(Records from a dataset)

_____

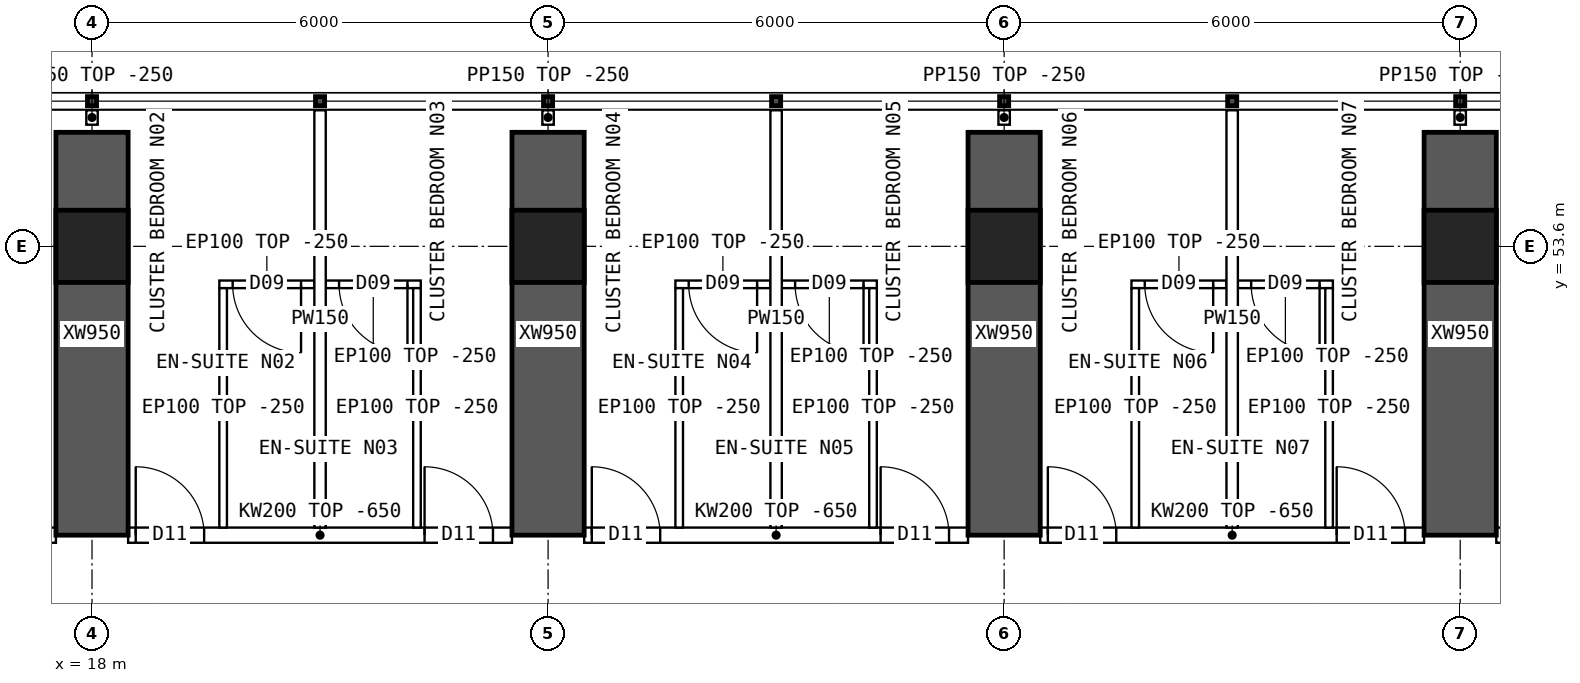
"""IFC4 building model, lengths in metres.
Left out: names, types, materials, properties, quantities, classifications, styles, units other than length and angle.
Written with IfcOpenShell. Run it as: python <this file> out.ifc"""

import sys

from ifc_helpers import new_model, si_unit, direction, frame, frame_2d, origin, origin_2d, place, context, subcontext, project, spatial, polyline, rectangle, hollow_rectangle, outline, extrude, element, fill, save


model = new_model("IFC4")
c1 = context("Model", 3, precision=1e-05, world=origin(), true_north=direction((0.0, 1.0)))
c2 = subcontext(c1, "Body", "Model", "MODEL_VIEW")
j1 = project(units=[si_unit("LENGTHUNIT", "METRE"), si_unit("PLANEANGLEUNIT", "RADIAN")], contexts=[c1])
p1 = place(None, origin())
s1 = spatial("IfcSite", under=j1, at=p1, CompositionType="ELEMENT")
p2 = place(p1, origin())
s2 = spatial("IfcBuilding", under=s1, at=p2, CompositionType="ELEMENT")
p3 = place(p2, frame((0.0, 0.0, 118.15)))
s3 = spatial("IfcBuildingStorey", under=s2, at=p3, CompositionType="ELEMENT", Elevation=118.15)
for number, where, z_axis, x_axis in (
    (1, (18.0, 53.6, 0.0), (0.0, 0.0, 1.0), (1.0, 0.0, 0.0)),
    (2, (24.0, 53.6, 0.0), (0.0, 0.0, 1.0), (1.0, 0.0, 0.0)),
    (3, (30.0, 53.6, 0.0), (0.0, 0.0, 1.0), (1.0, 0.0, 0.0)),
    (4, (36.0, 53.6, 0.0), (0.0, 0.0, 1.0), (1.0, 0.0, 0.0)),
):
    element("IfcColumn", number, at=place(p3, frame(where, z_axis=z_axis, x_axis=x_axis)), inside=s3, PredefinedType="COLUMN", context=c2, shape_type="SweptSolid", body=[
        extrude(hollow_rectangle(XDim=0.95, YDim=0.95, WallThickness=0.095, at=origin_2d()), origin(), (0.0, 0.0, 1.0), 3.75),
    ])
for number, where, z_axis, x_axis in (
    (5, (18.0, 49.8, 0.0), (0.0, 0.0, 1.0), (0.0, 1.0, 0.0)),
    (6, (24.0, 49.8, 0.0), (0.0, 0.0, 1.0), (0.0, 1.0, 0.0)),
    (7, (30.0, 49.8, 0.0), (0.0, 0.0, 1.0), (0.0, 1.0, 0.0)),
    (8, (36.0, 49.8, 0.0), (0.0, 0.0, 1.0), (0.0, 1.0, 0.0)),
):
    element("IfcWall", number, at=place(p3, frame(where, z_axis=z_axis, x_axis=x_axis)), inside=s3, PredefinedType="SHEAR", context=c2, shape_type="SweptSolid", body=[
        extrude(rectangle(XDim=5.3, YDim=0.95, at=frame_2d((2.65, 0.0))), origin(), (0.0, 0.0, 1.0), 3.75),
    ])
p4 = place(p3, frame((12.475, 49.8, 0.0), z_axis=(0.0, 0.0, 1.0), x_axis=(1.0, 0.0, 0.0)))
e9 = element("IfcWall", 9, at=p4, inside=s3, PredefinedType="SOLIDWALL", context=c2, shape_type="SweptSolid", body=[
    extrude(outline(polyline([(0.0, 0.0), (5.05, 0.0), (5.05, 3.1), (0.0, 3.1), (0.0, 0.0)])), frame((0.0, 0.1, 0.0), z_axis=(0.0, -1.0, 0.0), x_axis=(1.0, 0.0, 0.0)), (0.0, 0.0, 1.0), 0.2),
])
p5 = place(p4, frame((0.1, 0.0, 0.0)))
e10 = element("IfcOpeningElement", 10, at=p5, cuts=e9, PredefinedType="OPENING", context=c2, shape_type="SweptSolid", body=[
    extrude(rectangle(XDim=0.9, YDim=2.1, at=frame_2d((0.45, 1.05))), frame((0.0, 0.11, 0.0), z_axis=(0.0, -1.0, 0.0), x_axis=(1.0, 0.0, 0.0)), (0.0, 0.0, 1.0), 0.22),
])
p6 = place(p4, frame((3.9, 0.0, 0.0)))
e11 = element("IfcOpeningElement", 11, at=p6, cuts=e9, PredefinedType="OPENING", context=c2, shape_type="SweptSolid", body=[
    extrude(rectangle(XDim=0.9, YDim=2.1, at=frame_2d((0.45, 1.05))), frame((0.0, 0.11, 0.0), z_axis=(0.0, -1.0, 0.0), x_axis=(1.0, 0.0, 0.0)), (0.0, 0.0, 1.0), 0.22),
])
p7 = place(p3, frame((18.475, 49.8, 0.0), z_axis=(0.0, 0.0, 1.0), x_axis=(1.0, 0.0, 0.0)))
e12 = element("IfcWall", 12, at=p7, inside=s3, PredefinedType="SOLIDWALL", context=c2, shape_type="SweptSolid", body=[
    extrude(outline(polyline([(0.0, 0.0), (5.05, 0.0), (5.05, 3.1), (0.0, 3.1), (0.0, 0.0)])), frame((0.0, 0.1, 0.0), z_axis=(0.0, -1.0, 0.0), x_axis=(1.0, 0.0, 0.0)), (0.0, 0.0, 1.0), 0.2),
])
p8 = place(p7, frame((0.1, 0.0, 0.0)))
e13 = element("IfcOpeningElement", 13, at=p8, cuts=e12, PredefinedType="OPENING", context=c2, shape_type="SweptSolid", body=[
    extrude(rectangle(XDim=0.9, YDim=2.1, at=frame_2d((0.45, 1.05))), frame((0.0, 0.11, 0.0), z_axis=(0.0, -1.0, 0.0), x_axis=(1.0, 0.0, 0.0)), (0.0, 0.0, 1.0), 0.22),
])
p9 = place(p7, frame((3.9, 0.0, 0.0)))
e14 = element("IfcOpeningElement", 14, at=p9, cuts=e12, PredefinedType="OPENING", context=c2, shape_type="SweptSolid", body=[
    extrude(rectangle(XDim=0.9, YDim=2.1, at=frame_2d((0.45, 1.05))), frame((0.0, 0.11, 0.0), z_axis=(0.0, -1.0, 0.0), x_axis=(1.0, 0.0, 0.0)), (0.0, 0.0, 1.0), 0.22),
])
p10 = place(p3, frame((24.475, 49.8, 0.0), z_axis=(0.0, 0.0, 1.0), x_axis=(1.0, 0.0, 0.0)))
e15 = element("IfcWall", 15, at=p10, inside=s3, PredefinedType="SOLIDWALL", context=c2, shape_type="SweptSolid", body=[
    extrude(outline(polyline([(0.0, 0.0), (5.05, 0.0), (5.05, 3.1), (0.0, 3.1), (0.0, 0.0)])), frame((0.0, 0.1, 0.0), z_axis=(0.0, -1.0, 0.0), x_axis=(1.0, 0.0, 0.0)), (0.0, 0.0, 1.0), 0.2),
])
p11 = place(p10, frame((0.1, 0.0, 0.0)))
e16 = element("IfcOpeningElement", 16, at=p11, cuts=e15, PredefinedType="OPENING", context=c2, shape_type="SweptSolid", body=[
    extrude(rectangle(XDim=0.9, YDim=2.1, at=frame_2d((0.45, 1.05))), frame((0.0, 0.11, 0.0), z_axis=(0.0, -1.0, 0.0), x_axis=(1.0, 0.0, 0.0)), (0.0, 0.0, 1.0), 0.22),
])
p12 = place(p10, frame((3.9, 0.0, 0.0)))
e17 = element("IfcOpeningElement", 17, at=p12, cuts=e15, PredefinedType="OPENING", context=c2, shape_type="SweptSolid", body=[
    extrude(rectangle(XDim=0.9, YDim=2.1, at=frame_2d((0.45, 1.05))), frame((0.0, 0.11, 0.0), z_axis=(0.0, -1.0, 0.0), x_axis=(1.0, 0.0, 0.0)), (0.0, 0.0, 1.0), 0.22),
])
p13 = place(p3, frame((30.475, 49.8, 0.0), z_axis=(0.0, 0.0, 1.0), x_axis=(1.0, 0.0, 0.0)))
e18 = element("IfcWall", 18, at=p13, inside=s3, PredefinedType="SOLIDWALL", context=c2, shape_type="SweptSolid", body=[
    extrude(outline(polyline([(0.0, 0.0), (5.05, 0.0), (5.05, 3.1), (0.0, 3.1), (0.0, 0.0)])), frame((0.0, 0.1, 0.0), z_axis=(0.0, -1.0, 0.0), x_axis=(1.0, 0.0, 0.0)), (0.0, 0.0, 1.0), 0.2),
])
p14 = place(p13, frame((0.1, 0.0, 0.0)))
e19 = element("IfcOpeningElement", 19, at=p14, cuts=e18, PredefinedType="OPENING", context=c2, shape_type="SweptSolid", body=[
    extrude(rectangle(XDim=0.9, YDim=2.1, at=frame_2d((0.45, 1.05))), frame((0.0, 0.11, 0.0), z_axis=(0.0, -1.0, 0.0), x_axis=(1.0, 0.0, 0.0)), (0.0, 0.0, 1.0), 0.22),
])
p15 = place(p13, frame((3.9, 0.0, 0.0)))
e20 = element("IfcOpeningElement", 20, at=p15, cuts=e18, PredefinedType="OPENING", context=c2, shape_type="SweptSolid", body=[
    extrude(rectangle(XDim=0.9, YDim=2.1, at=frame_2d((0.45, 1.05))), frame((0.0, 0.11, 0.0), z_axis=(0.0, -1.0, 0.0), x_axis=(1.0, 0.0, 0.0)), (0.0, 0.0, 1.0), 0.22),
])
p16 = place(p3, frame((36.475, 49.8, 0.0), z_axis=(0.0, 0.0, 1.0), x_axis=(1.0, 0.0, 0.0)))
e21 = element("IfcWall", 21, at=p16, inside=s3, PredefinedType="SOLIDWALL", context=c2, shape_type="SweptSolid", body=[
    extrude(outline(polyline([(0.0, 0.0), (5.05, 0.0), (5.05, 3.1), (0.0, 3.1), (0.0, 0.0)])), frame((0.0, 0.1, 0.0), z_axis=(0.0, -1.0, 0.0), x_axis=(1.0, 0.0, 0.0)), (0.0, 0.0, 1.0), 0.2),
])
p17 = place(p16, frame((0.3, 0.0, 0.0)))
e22 = element("IfcOpeningElement", 22, at=p17, cuts=e21, PredefinedType="OPENING", context=c2, shape_type="SweptSolid", body=[
    extrude(rectangle(XDim=1.0, YDim=2.1, at=frame_2d((0.5, 1.05))), frame((0.0, 0.11, 0.0), z_axis=(0.0, -1.0, 0.0), x_axis=(1.0, 0.0, 0.0)), (0.0, 0.0, 1.0), 0.22),
])
p18 = place(p3, frame((21.0, 55.39, 0.0), z_axis=(0.0, 0.0, 1.0), x_axis=(0.0, -1.0, 0.0)))
e23 = element("IfcWall", 23, at=p18, inside=s3, PredefinedType="PARTITIONING", context=c2, shape_type="SweptSolid", body=[
    extrude(outline(polyline([(0.0, 0.0), (5.49, 0.0), (5.49, 3.1), (5.442, 3.1), (5.44, 3.5), (1.992, 3.5), (1.99, 3.1), (1.592, 3.1), (1.59, 3.5), (0.0, 3.5), (0.0, 0.0)])), frame((0.0, 0.075, 0.0), z_axis=(0.0, -1.0, 0.0), x_axis=(1.0, 0.0, 0.0)), (0.0, 0.0, 1.0), 0.15),
])
p19 = place(p3, frame((19.675, 53.1, 0.0), z_axis=(0.0, 0.0, 1.0), x_axis=(1.0, 0.0, 0.0)))
e24 = element("IfcWall", 24, at=p19, inside=s3, PredefinedType="PARTITIONING", context=c2, shape_type="SweptSolid", body=[
    extrude(rectangle(XDim=1.25, YDim=0.1, at=frame_2d((0.625, 0.0))), origin(), (0.0, 0.0, 1.0), 3.5),
])
p20 = place(p19, frame((0.175, 0.0, 0.0)))
e25 = element("IfcOpeningElement", 25, at=p20, cuts=e24, PredefinedType="OPENING", context=c2, shape_type="SweptSolid", body=[
    extrude(rectangle(XDim=0.9, YDim=2.1, at=frame_2d((0.45, 1.05))), frame((0.0, 0.06, 0.0), z_axis=(0.0, -1.0, 0.0), x_axis=(1.0, 0.0, 0.0)), (0.0, 0.0, 1.0), 0.12),
])
p21 = place(p3, frame((19.725, 53.05, 0.0), z_axis=(0.0, 0.0, 1.0), x_axis=(0.0, -1.0, 0.0)))
e26 = element("IfcWall", 26, at=p21, inside=s3, PredefinedType="PARTITIONING", context=c2, shape_type="SweptSolid", body=[
    extrude(outline(polyline([(0.0, 0.0), (3.15, 0.0), (3.15, 3.1), (3.102, 3.1), (3.1, 3.5), (0.0, 3.5), (0.0, 0.0)])), frame((0.0, 0.05, 0.0), z_axis=(0.0, -1.0, 0.0), x_axis=(1.0, 0.0, 0.0)), (0.0, 0.0, 1.0), 0.1),
])
p22 = place(p3, frame((21.075, 53.1, 0.0), z_axis=(0.0, 0.0, 1.0), x_axis=(1.0, 0.0, 0.0)))
e27 = element("IfcWall", 27, at=p22, inside=s3, PredefinedType="PARTITIONING", context=c2, shape_type="SweptSolid", body=[
    extrude(rectangle(XDim=1.25, YDim=0.1, at=frame_2d((0.625, 0.0))), origin(), (0.0, 0.0, 1.0), 3.5),
])
p23 = place(p22, frame((0.175, 0.0, 0.0)))
e28 = element("IfcOpeningElement", 28, at=p23, cuts=e27, PredefinedType="OPENING", context=c2, shape_type="SweptSolid", body=[
    extrude(rectangle(XDim=0.9, YDim=2.1, at=frame_2d((0.45, 1.05))), frame((0.0, 0.06, 0.0), z_axis=(0.0, -1.0, 0.0), x_axis=(1.0, 0.0, 0.0)), (0.0, 0.0, 1.0), 0.12),
])
p24 = place(p3, frame((22.275, 53.05, 0.0), z_axis=(0.0, 0.0, 1.0), x_axis=(0.0, -1.0, 0.0)))
e29 = element("IfcWall", 29, at=p24, inside=s3, PredefinedType="PARTITIONING", context=c2, shape_type="SweptSolid", body=[
    extrude(outline(polyline([(0.0, 0.0), (3.15, 0.0), (3.15, 3.1), (3.102, 3.1), (3.1, 3.5), (0.0, 3.5), (0.0, 0.0)])), frame((0.0, 0.05, 0.0), z_axis=(0.0, -1.0, 0.0), x_axis=(1.0, 0.0, 0.0)), (0.0, 0.0, 1.0), 0.1),
])
p25 = place(p3, frame((27.0, 55.39, 0.0), z_axis=(0.0, 0.0, 1.0), x_axis=(0.0, -1.0, 0.0)))
e30 = element("IfcWall", 30, at=p25, inside=s3, PredefinedType="PARTITIONING", context=c2, shape_type="SweptSolid", body=[
    extrude(outline(polyline([(0.0, 0.0), (5.49, 0.0), (5.49, 3.1), (5.442, 3.1), (5.44, 3.5), (1.992, 3.5), (1.99, 3.1), (1.592, 3.1), (1.59, 3.5), (0.0, 3.5), (0.0, 0.0)])), frame((0.0, 0.075, 0.0), z_axis=(0.0, -1.0, 0.0), x_axis=(1.0, 0.0, 0.0)), (0.0, 0.0, 1.0), 0.15),
])
p26 = place(p3, frame((25.675, 53.1, 0.0), z_axis=(0.0, 0.0, 1.0), x_axis=(1.0, 0.0, 0.0)))
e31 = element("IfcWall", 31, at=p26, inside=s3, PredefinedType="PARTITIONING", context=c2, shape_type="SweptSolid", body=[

_____

TASK TO CARRY OUT
Could you tally the lines in the data that contain the string "units" and answer with the number alone?

OUTPUT OF THE TASK
2